▶ [PROVIDED DATA]:
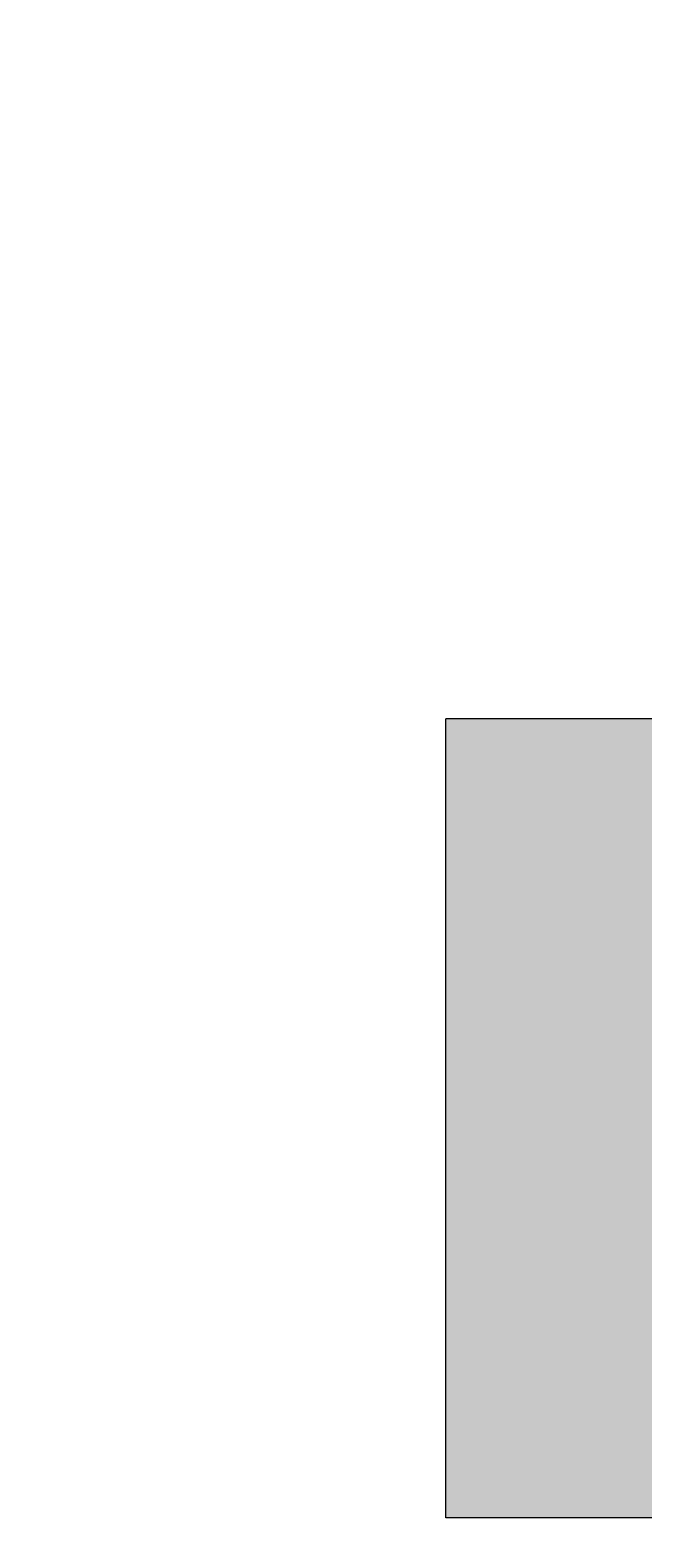
# Model space of a CAD drawing. Units: millimetres. Extents: x 27017497 to 27018854, y 7058029 to 7059154.
# Tile 68 of 91: x 27018355 to 27018367, y 7058144 to 7058174. Entities that reach past the tile are written whole.
import ezdxf

# ---------------------------------------------------------------- set-up
doc = ezdxf.new("R2010")
doc.units = ezdxf.units.MM
for name, color, linetype, lineweight in [('A-ANNO-DIMS', 2, 'Continuous', 18), ('A-FLOR-CASE-PATT', 44, 'Continuous', 13), ('A-FURN', 8, 'Continuous', 18)]:
    doc.layers.add(name, color=color, linetype=linetype, lineweight=lineweight)
doc.layers.add('A-FURN-PATT', color=177, linetype='Continuous', lineweight=13, true_color=0x293189)
doc.styles.get("Standard").update_dxf_attribs({"font": 'arial.ttf'})
doc.dimstyles.get("Standard").update_dxf_attribs({"dimtxt": 0.18, "dimasz": 0.18, "dimexe": 0.18, "dimexo": 0.0625, "dimgap": 0.09, "dimtad": 0, "dimtih": 1, "dimtoh": 1, "dimdec": 4, "dimzin": 0, "dimdsep": 46, "dimtxsty": 'Standard', "dimcen": 0.09, "dimadec": 0, "dimazin": 0, "dimtfac": 1, "dimtdec": 4, "dimtofl": 0, "dimtmove": 0, "dimatfit": 3, "dimfxl": 1, "dimtolj": 1, "dimtzin": 0, "dimarcsym": 0})

# ---------------------------------------------------------------- blocks, each defined once
blk = doc.blocks.new('CAMMAT')
for p, q in [((0.68, -0.07), (1.18, -0.07)), ((1.18, -0.07), (1.18, -0.47)), ((0.68, -0.47), (1.18, -0.47))]:
    blk.add_line(p, q)
blk = doc.blocks.new('*D47')
at = {"layer": 'A-ANNO-DIMS', "color": 0, "lineweight": -2, "transparency": 16777216}
for p, q in [((27017561.166, 7058294.35), (27017561.166, 7058028.6)), ((27018790.606, 7058294.35), (27018790.606, 7058028.6)), ((27017561.346, 7058028.78), (27018175.431, 7058028.78)), ((27018790.426, 7058028.78), (27018176.341, 7058028.78))]:
    blk.add_line(p, q, dxfattribs=at)
at = {"layer": 'A-ANNO-DIMS', "color": 0, "transparency": 16777216}
for points in [[(27017561.346, 7058028.81), (27017561.346, 7058028.75), (27017561.166, 7058028.78)], [(27018790.426, 7058028.81), (27018790.426, 7058028.75), (27018790.606, 7058028.78)]]:
    blk.add_solid(points, dxfattribs=at)
at = {"layer": 'Defpoints', "color": 0, "transparency": 16777216}
for p in [(27017561.166, 7058294.412), (27018790.606, 7058294.412), (27018790.606, 7058028.78)]:
    blk.add_point(p, dxfattribs=at)
at = {"layer": 'A-ANNO-DIMS', "color": 0, "transparency": 16777216, "insert": (27018175.886, 7058028.78), "char_height": 0.18, "attachment_point": 5}
blk.add_mtext('\\A1;1229.4', dxfattribs=at)
blk = doc.blocks.new('*D48')
at = {"layer": 'A-ANNO-DIMS', "color": 0, "lineweight": -2, "transparency": 16777216}
for p, q in [((27018463.498, 7058622.912), (27017497.536, 7058622.912)), ((27017497.716, 7058622.732), (27017497.716, 7058357.753)), ((27017497.716, 7058092.41), (27017497.716, 7058357.389)), ((27018555.129, 7058092.23), (27017497.536, 7058092.23))]:
    blk.add_line(p, q, dxfattribs=at)
at = {"layer": 'A-ANNO-DIMS', "color": 0, "transparency": 16777216}
for points in [[(27017497.686, 7058622.732), (27017497.746, 7058622.732), (27017497.716, 7058622.912)], [(27017497.686, 7058092.41), (27017497.746, 7058092.41), (27017497.716, 7058092.23)]]:
    blk.add_solid(points, dxfattribs=at)
at = {"layer": 'Defpoints', "color": 0, "transparency": 16777216}
for p in [(27018463.561, 7058622.912), (27017497.716, 7058092.23), (27018555.192, 7058092.23)]:
    blk.add_point(p, dxfattribs=at)
at = {"layer": 'A-ANNO-DIMS', "color": 0, "transparency": 16777216, "insert": (27017497.716, 7058357.571), "char_height": 0.18, "attachment_point": 5}
blk.add_mtext('\\A1;530.7', dxfattribs=at)

msp = doc.modelspace()

# ---------------------------------------------------------------- hatches: boundary and pattern name
at = {"layer": 'A-FLOR-CASE-PATT'}
h = msp.add_hatch(color=256, dxfattribs=at)
h.dxf.hatch_style = 1
edge = h.paths.add_edge_path()
edge.add_line((27018341.343, 7058207.055), (27018330.837, 7058207.055))
edge.add_line((27018330.837, 7058207.055), (27018330.837, 7058203.02))
edge.add_line((27018330.837, 7058203.02), (27018338.424, 7058203.02))
edge.add_ellipse((27018338.23, 7058202.551), major_axis=(0.528, 0), ratio=0.888892, start_angle=0, end_angle=90, ccw=False)
edge.add_line((27018338.758, 7058202.551), (27018338.758, 7058202.238))
edge.add_line((27018338.758, 7058202.238), (27018330.837, 7058201.488))
edge.add_line((27018330.837, 7058201.488), (27018330.837, 7058199.747))
edge.add_line((27018330.837, 7058199.747), (27018338.424, 7058199.747))
edge.add_ellipse((27018338.23, 7058199.277), major_axis=(0.528, 0), ratio=0.888892, start_angle=0, end_angle=90, ccw=False)
edge.add_line((27018338.758, 7058199.277), (27018338.758, 7058198.964))
edge.add_line((27018338.758, 7058198.964), (27018330.837, 7058198.215))
edge.add_line((27018330.837, 7058198.215), (27018330.837, 7058193.415))
edge.add_line((27018330.837, 7058193.415), (27018338.284, 7058190.704))
edge.add_ellipse((27018337.942, 7058190.329), major_axis=(0.496, -0.181), ratio=0.888892, start_angle=0, end_angle=90, ccw=False)
edge.add_line((27018338.439, 7058190.148), (27018338.331, 7058189.854))
edge.add_line((27018338.331, 7058189.854), (27018330.837, 7058191.806))
edge.add_line((27018330.837, 7058191.806), (27018330.837, 7058188.22))
edge.add_line((27018330.837, 7058188.22), (27018338.424, 7058188.22))
edge.add_ellipse((27018338.23, 7058187.75), major_axis=(0.528, 0), ratio=0.888892, start_angle=0, end_angle=90, ccw=False)
edge.add_line((27018338.758, 7058187.75), (27018338.758, 7058187.437))
edge.add_line((27018338.758, 7058187.437), (27018330.837, 7058186.688))
edge.add_line((27018330.837, 7058186.688), (27018330.837, 7058181.982))
edge.add_line((27018330.837, 7058181.982), (27018338.424, 7058181.982))
edge.add_ellipse((27018338.23, 7058181.513), major_axis=(0.528, 0), ratio=0.888892, start_angle=0, end_angle=90, ccw=False)
edge.add_line((27018338.758, 7058181.513), (27018338.758, 7058181.199))
edge.add_line((27018338.758, 7058181.199), (27018330.837, 7058180.45))
edge.add_line((27018330.837, 7058180.45), (27018330.837, 7058178.709))
edge.add_line((27018330.837, 7058178.709), (27018338.424, 7058178.709))
edge.add_ellipse((27018338.23, 7058178.239), major_axis=(0.528, 0), ratio=0.888892, start_angle=0, end_angle=90, ccw=False)
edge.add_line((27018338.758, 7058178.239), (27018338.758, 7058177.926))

▶ [YOUR GOAL]:
Repeat every line of the data exactly, but do not include pictures.

▶ [SOLUTION TO THE EXERCISE]:
# Model space of a CAD drawing. Units: millimetres. Extents: x 27017497 to 27018854, y 7058029 to 7059154.
# Tile 68 of 91: x 27018355 to 27018367, y 7058144 to 7058174. Entities that reach past the tile are written whole.
import ezdxf

# ---------------------------------------------------------------- set-up
doc = ezdxf.new("R2010")
doc.units = ezdxf.units.MM
for name, color, linetype, lineweight in [('A-ANNO-DIMS', 2, 'Continuous', 18), ('A-FLOR-CASE-PATT', 44, 'Continuous', 13), ('A-FURN', 8, 'Continuous', 18)]:
    doc.layers.add(name, color=color, linetype=linetype, lineweight=lineweight)
doc.layers.add('A-FURN-PATT', color=177, linetype='Continuous', lineweight=13, true_color=0x293189)
doc.styles.get("Standard").update_dxf_attribs({"font": 'arial.ttf'})
doc.dimstyles.get("Standard").update_dxf_attribs({"dimtxt": 0.18, "dimasz": 0.18, "dimexe": 0.18, "dimexo": 0.0625, "dimgap": 0.09, "dimtad": 0, "dimtih": 1, "dimtoh": 1, "dimdec": 4, "dimzin": 0, "dimdsep": 46, "dimtxsty": 'Standard', "dimcen": 0.09, "dimadec": 0, "dimazin": 0, "dimtfac": 1, "dimtdec": 4, "dimtofl": 0, "dimtmove": 0, "dimatfit": 3, "dimfxl": 1, "dimtolj": 1, "dimtzin": 0, "dimarcsym": 0})

# ---------------------------------------------------------------- blocks, each defined once
blk = doc.blocks.new('CAMMAT')
for p, q in [((0.68, -0.07), (1.18, -0.07)), ((1.18, -0.07), (1.18, -0.47)), ((0.68, -0.47), (1.18, -0.47))]:
    blk.add_line(p, q)
blk = doc.blocks.new('*D47')
at = {"layer": 'A-ANNO-DIMS', "color": 0, "lineweight": -2, "transparency": 16777216}
for p, q in [((27017561.166, 7058294.35), (27017561.166, 7058028.6)), ((27018790.606, 7058294.35), (27018790.606, 7058028.6)), ((27017561.346, 7058028.78), (27018175.431, 7058028.78)), ((27018790.426, 7058028.78), (27018176.341, 7058028.78))]:
    blk.add_line(p, q, dxfattribs=at)
at = {"layer": 'A-ANNO-DIMS', "color": 0, "transparency": 16777216}
for points in [[(27017561.346, 7058028.81), (27017561.346, 7058028.75), (27017561.166, 7058028.78)], [(27018790.426, 7058028.81), (27018790.426, 7058028.75), (27018790.606, 7058028.78)]]:
    blk.add_solid(points, dxfattribs=at)
at = {"layer": 'Defpoints', "color": 0, "transparency": 16777216}
for p in [(27017561.166, 7058294.412), (27018790.606, 7058294.412), (27018790.606, 7058028.78)]:
    blk.add_point(p, dxfattribs=at)
at = {"layer": 'A-ANNO-DIMS', "color": 0, "transparency": 16777216, "insert": (27018175.886, 7058028.78), "char_height": 0.18, "attachment_point": 5}
blk.add_mtext('\\A1;1229.4', dxfattribs=at)
blk = doc.blocks.new('*D48')
at = {"layer": 'A-ANNO-DIMS', "color": 0, "lineweight": -2, "transparency": 16777216}
for p, q in [((27018463.498, 7058622.912), (27017497.536, 7058622.912)), ((27017497.716, 7058622.732), (27017497.716, 7058357.753)), ((27017497.716, 7058092.41), (27017497.716, 7058357.389)), ((27018555.129, 7058092.23), (27017497.536, 7058092.23))]:
    blk.add_line(p, q, dxfattribs=at)
at = {"layer": 'A-ANNO-DIMS', "color": 0, "transparency": 16777216}
for points in [[(27017497.686, 7058622.732), (27017497.746, 7058622.732), (27017497.716, 7058622.912)], [(27017497.686, 7058092.41), (27017497.746, 7058092.41), (27017497.716, 7058092.23)]]:
    blk.add_solid(points, dxfattribs=at)
at = {"layer": 'Defpoints', "color": 0, "transparency": 16777216}
for p in [(27018463.561, 7058622.912), (27017497.716, 7058092.23), (27018555.192, 7058092.23)]:
    blk.add_point(p, dxfattribs=at)
at = {"layer": 'A-ANNO-DIMS', "color": 0, "transparency": 16777216, "insert": (27017497.716, 7058357.571), "char_height": 0.18, "attachment_point": 5}
blk.add_mtext('\\A1;530.7', dxfattribs=at)

msp = doc.modelspace()

# ---------------------------------------------------------------- hatches: boundary and pattern name
at = {"layer": 'A-FLOR-CASE-PATT'}
h = msp.add_hatch(color=256, dxfattribs=at)
h.dxf.hatch_style = 1
edge = h.paths.add_edge_path()
edge.add_line((27018341.343, 7058207.055), (27018330.837, 7058207.055))
edge.add_line((27018330.837, 7058207.055), (27018330.837, 7058203.02))
edge.add_line((27018330.837, 7058203.02), (27018338.424, 7058203.02))
edge.add_ellipse((27018338.23, 7058202.551), major_axis=(0.528, 0), ratio=0.888892, start_angle=0, end_angle=90, ccw=False)
edge.add_line((27018338.758, 7058202.551), (27018338.758, 7058202.238))
edge.add_line((27018338.758, 7058202.238), (27018330.837, 7058201.488))
edge.add_line((27018330.837, 7058201.488), (27018330.837, 7058199.747))
edge.add_line((27018330.837, 7058199.747), (27018338.424, 7058199.747))
edge.add_ellipse((27018338.23, 7058199.277), major_axis=(0.528, 0), ratio=0.888892, start_angle=0, end_angle=90, ccw=False)
edge.add_line((27018338.758, 7058199.277), (27018338.758, 7058198.964))
edge.add_line((27018338.758, 7058198.964), (27018330.837, 7058198.215))
edge.add_line((27018330.837, 7058198.215), (27018330.837, 7058193.415))
edge.add_line((27018330.837, 7058193.415), (27018338.284, 7058190.704))
edge.add_ellipse((27018337.942, 7058190.329), major_axis=(0.496, -0.181), ratio=0.888892, start_angle=0, end_angle=90, ccw=False)
edge.add_line((27018338.439, 7058190.148), (27018338.331, 7058189.854))
edge.add_line((27018338.331, 7058189.854), (27018330.837, 7058191.806))
edge.add_line((27018330.837, 7058191.806), (27018330.837, 7058188.22))
edge.add_line((27018330.837, 7058188.22), (27018338.424, 7058188.22))
edge.add_ellipse((27018338.23, 7058187.75), major_axis=(0.528, 0), ratio=0.888892, start_angle=0, end_angle=90, ccw=False)
edge.add_line((27018338.758, 7058187.75), (27018338.758, 7058187.437))
edge.add_line((27018338.758, 7058187.437), (27018330.837, 7058186.688))
edge.add_line((27018330.837, 7058186.688), (27018330.837, 7058181.982))
edge.add_line((27018330.837, 7058181.982), (27018338.424, 7058181.982))
edge.add_ellipse((27018338.23, 7058181.513), major_axis=(0.528, 0), ratio=0.888892, start_angle=0, end_angle=90, ccw=False)
edge.add_line((27018338.758, 7058181.513), (27018338.758, 7058181.199))
edge.add_line((27018338.758, 7058181.199), (27018330.837, 7058180.45))
edge.add_line((27018330.837, 7058180.45), (27018330.837, 7058178.709))
edge.add_line((27018330.837, 7058178.709), (27018338.424, 7058178.709))
edge.add_ellipse((27018338.23, 7058178.239), major_axis=(0.528, 0), ratio=0.888892, start_angle=0, end_angle=90, ccw=False)
edge.add_line((27018338.758, 7058178.239), (27018338.758, 7058177.926))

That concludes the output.